**About this exercise**
Set down, exactly as written, every line from the one containing "-71.357252173), (-9, -69.5))" through the end of the listing.

**Recorded data**

********

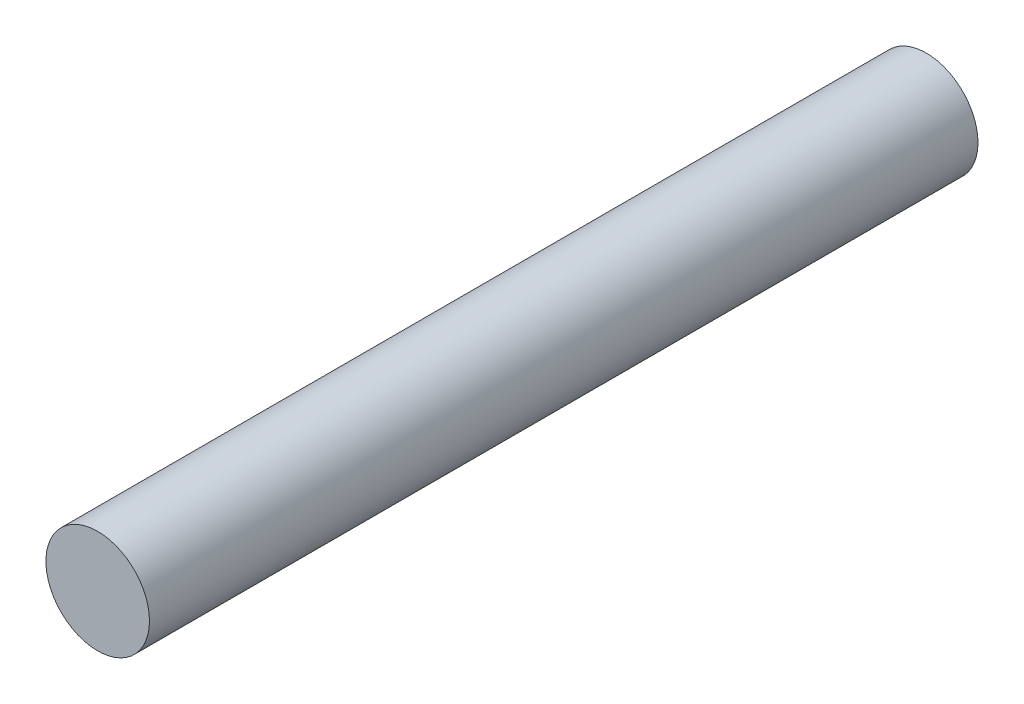
SolidWorks part; units mm, degrees
ref_plane "Front Plane" through (0, 0, 0) normal (0, 0, 1) x (1, 0, 0)
ref_plane "Top Plane" through (0, 0, 0) normal (0, 1, 0) x (1, 0, 0)
ref_plane "Right Plane" through (0, 0, 0) normal (1, 0, 0) x (0, 0, -1)
other "Configuration Table"
sketch "Sketch2" plane through (0, 0, 0) normal (0, 0, 1) x (1, 0, 0)
  circle A0 centre (0, 0) radius 15
extrude "Boss-Extrude1" add sketch "Sketch2" against normal blind 40 and the other way blind 200
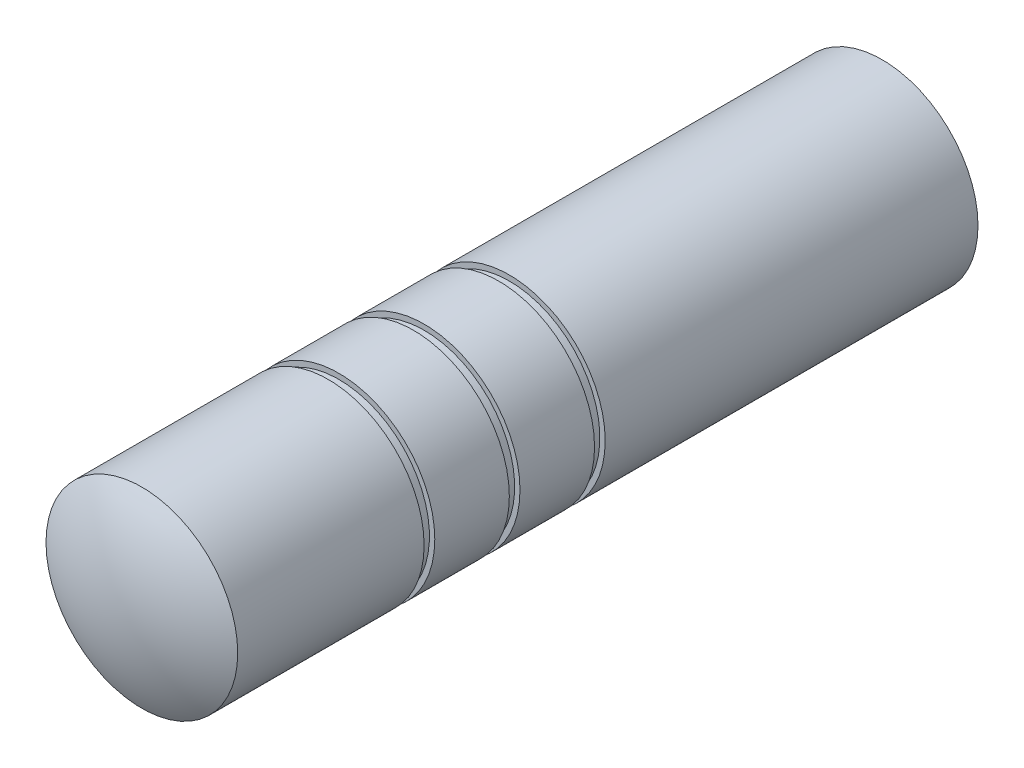
from build123d import *

# Parameters (mm, degrees)
SKETCH1_R                   = 9
BOSS_EXTRUDE1_DEPTH         = 69.5
SKETCH2_R                   = 7
CUT_EXTRUDE1_DEPTH          = 32
CUT_EXTRUDE3_START          = -35
SKETCH3_R                   = 9
SKETCH3_R_2                 = 8.5
CUT_EXTRUDE3_DEPTH          = 1
CUT_EXTRUDE4_START          = -7
SKETCH4_R                   = 9
SKETCH4_R_2                 = 8.5
CUT_EXTRUDE4_DEPTH          = 1
CUT_EXTRUDE5_START          = -7
SKETCH5_R                   = 9
SKETCH5_R_2                 = 8.5
CUT_EXTRUDE5_DEPTH          = 1
M5_TAPPED_HOLE1_D           = 4.2
M5_TAPPED_HOLE1_DEPTH       = 8.7381927
M5_TAPPED_HOLE1_CSINK_D     = 5.05
M5_TAPPED_HOLE1_CSINK_ANGLE = 90
M5_TAPPED_HOLE1_TIP         = 1.2618073


with BuildPart() as part:
    # Sketch1 → Boss-Extrude1 (new body)
    with BuildSketch(Plane.XY):
        Circle(SKETCH1_R)
    extrude(amount=BOSS_EXTRUDE1_DEPTH)

    # Sketch2 → Cut-Extrude1 (cut)
    with BuildSketch(Plane(origin=(0, 0, 0), x_dir=(-1, 0, 0), z_dir=(0, 0, -1))):
        Circle(SKETCH2_R)
    extrude(amount=-CUT_EXTRUDE1_DEPTH, mode=Mode.SUBTRACT)

    # Sketch3 → Cut-Extrude3 (cut)
    with BuildSketch(Plane(origin=(0, 0, 0), x_dir=(-1, 0, 0), z_dir=(0, 0, -1)).offset(CUT_EXTRUDE3_START)):
        Circle(SKETCH3_R)
        Circle(SKETCH3_R_2, mode=Mode.SUBTRACT)
    extrude(amount=-CUT_EXTRUDE3_DEPTH, mode=Mode.SUBTRACT)

    # Sketch4 → Cut-Extrude4 (cut)
    with BuildSketch(Plane(origin=(0, 0, 36), x_dir=(-1, 0, 0), z_dir=(0, 0, -1)).offset(CUT_EXTRUDE4_START)):
        Circle(SKETCH4_R)
        Circle(SKETCH4_R_2, mode=Mode.SUBTRACT)
    extrude(amount=-CUT_EXTRUDE4_DEPTH, mode=Mode.SUBTRACT)

    # Sketch5 → Cut-Extrude5 (cut)
    with BuildSketch(Plane(origin=(0, 0, 44), x_dir=(-1, 0, 0), z_dir=(0, 0, -1)).offset(CUT_EXTRUDE5_START)):
        Circle(SKETCH5_R)
        Circle(SKETCH5_R_2, mode=Mode.SUBTRACT)
    extrude(amount=-CUT_EXTRUDE5_DEPTH, mode=Mode.SUBTRACT)

    # Sketch6 → Revolve1 (revolve)
    with BuildSketch(Plane(origin=(0, 0, 0), x_dir=(1, 0, 0), z_dir=(0, 1, 0))):
        with BuildLine():
            Line((0, -69.5), (0, -71.99166898))
            ThreePointArc((0, -71.99166898), (-4.669272275, -71.357252173), (-9, -69.5))
            Line((-9, -69.5), (0, -69.5))
        make_face()
    revolve(axis=Axis((0, 0, 0), (0, 0, 1)))

    # M5 Tapped Hole1
    with Locations(Plane(origin=(0, 0, 32), x_dir=(-1, 0, 0), z_dir=(0, 0, -1))):
        with Locations((0, 0)):
            CounterSinkHole(M5_TAPPED_HOLE1_D / 2, M5_TAPPED_HOLE1_CSINK_D / 2, depth=M5_TAPPED_HOLE1_DEPTH, counter_sink_angle=M5_TAPPED_HOLE1_CSINK_ANGLE)
            with Locations((0, 0, -(M5_TAPPED_HOLE1_DEPTH + M5_TAPPED_HOLE1_TIP / 2))):  # 118° drill point
                Cone(0, M5_TAPPED_HOLE1_D / 2, M5_TAPPED_HOLE1_TIP, mode=Mode.SUBTRACT)


solid = part.part

********

**Expected output**
            ThreePointArc((0, -71.99166898), (-4.669272275, -71.357252173), (-9, -69.5))
            Line((-9, -69.5), (0, -69.5))
        make_face()
    revolve(axis=Axis((0, 0, 0), (0, 0, 1)))

    # M5 Tapped Hole1
    with Locations(Plane(origin=(0, 0, 32), x_dir=(-1, 0, 0), z_dir=(0, 0, -1))):
        with Locations((0, 0)):
            CounterSinkHole(M5_TAPPED_HOLE1_D / 2, M5_TAPPED_HOLE1_CSINK_D / 2, depth=M5_TAPPED_HOLE1_DEPTH, counter_sink_angle=M5_TAPPED_HOLE1_CSINK_ANGLE)
            with Locations((0, 0, -(M5_TAPPED_HOLE1_DEPTH + M5_TAPPED_HOLE1_TIP / 2))):  # 118° drill point
                Cone(0, M5_TAPPED_HOLE1_D / 2, M5_TAPPED_HOLE1_TIP, mode=Mode.SUBTRACT)


solid = part.part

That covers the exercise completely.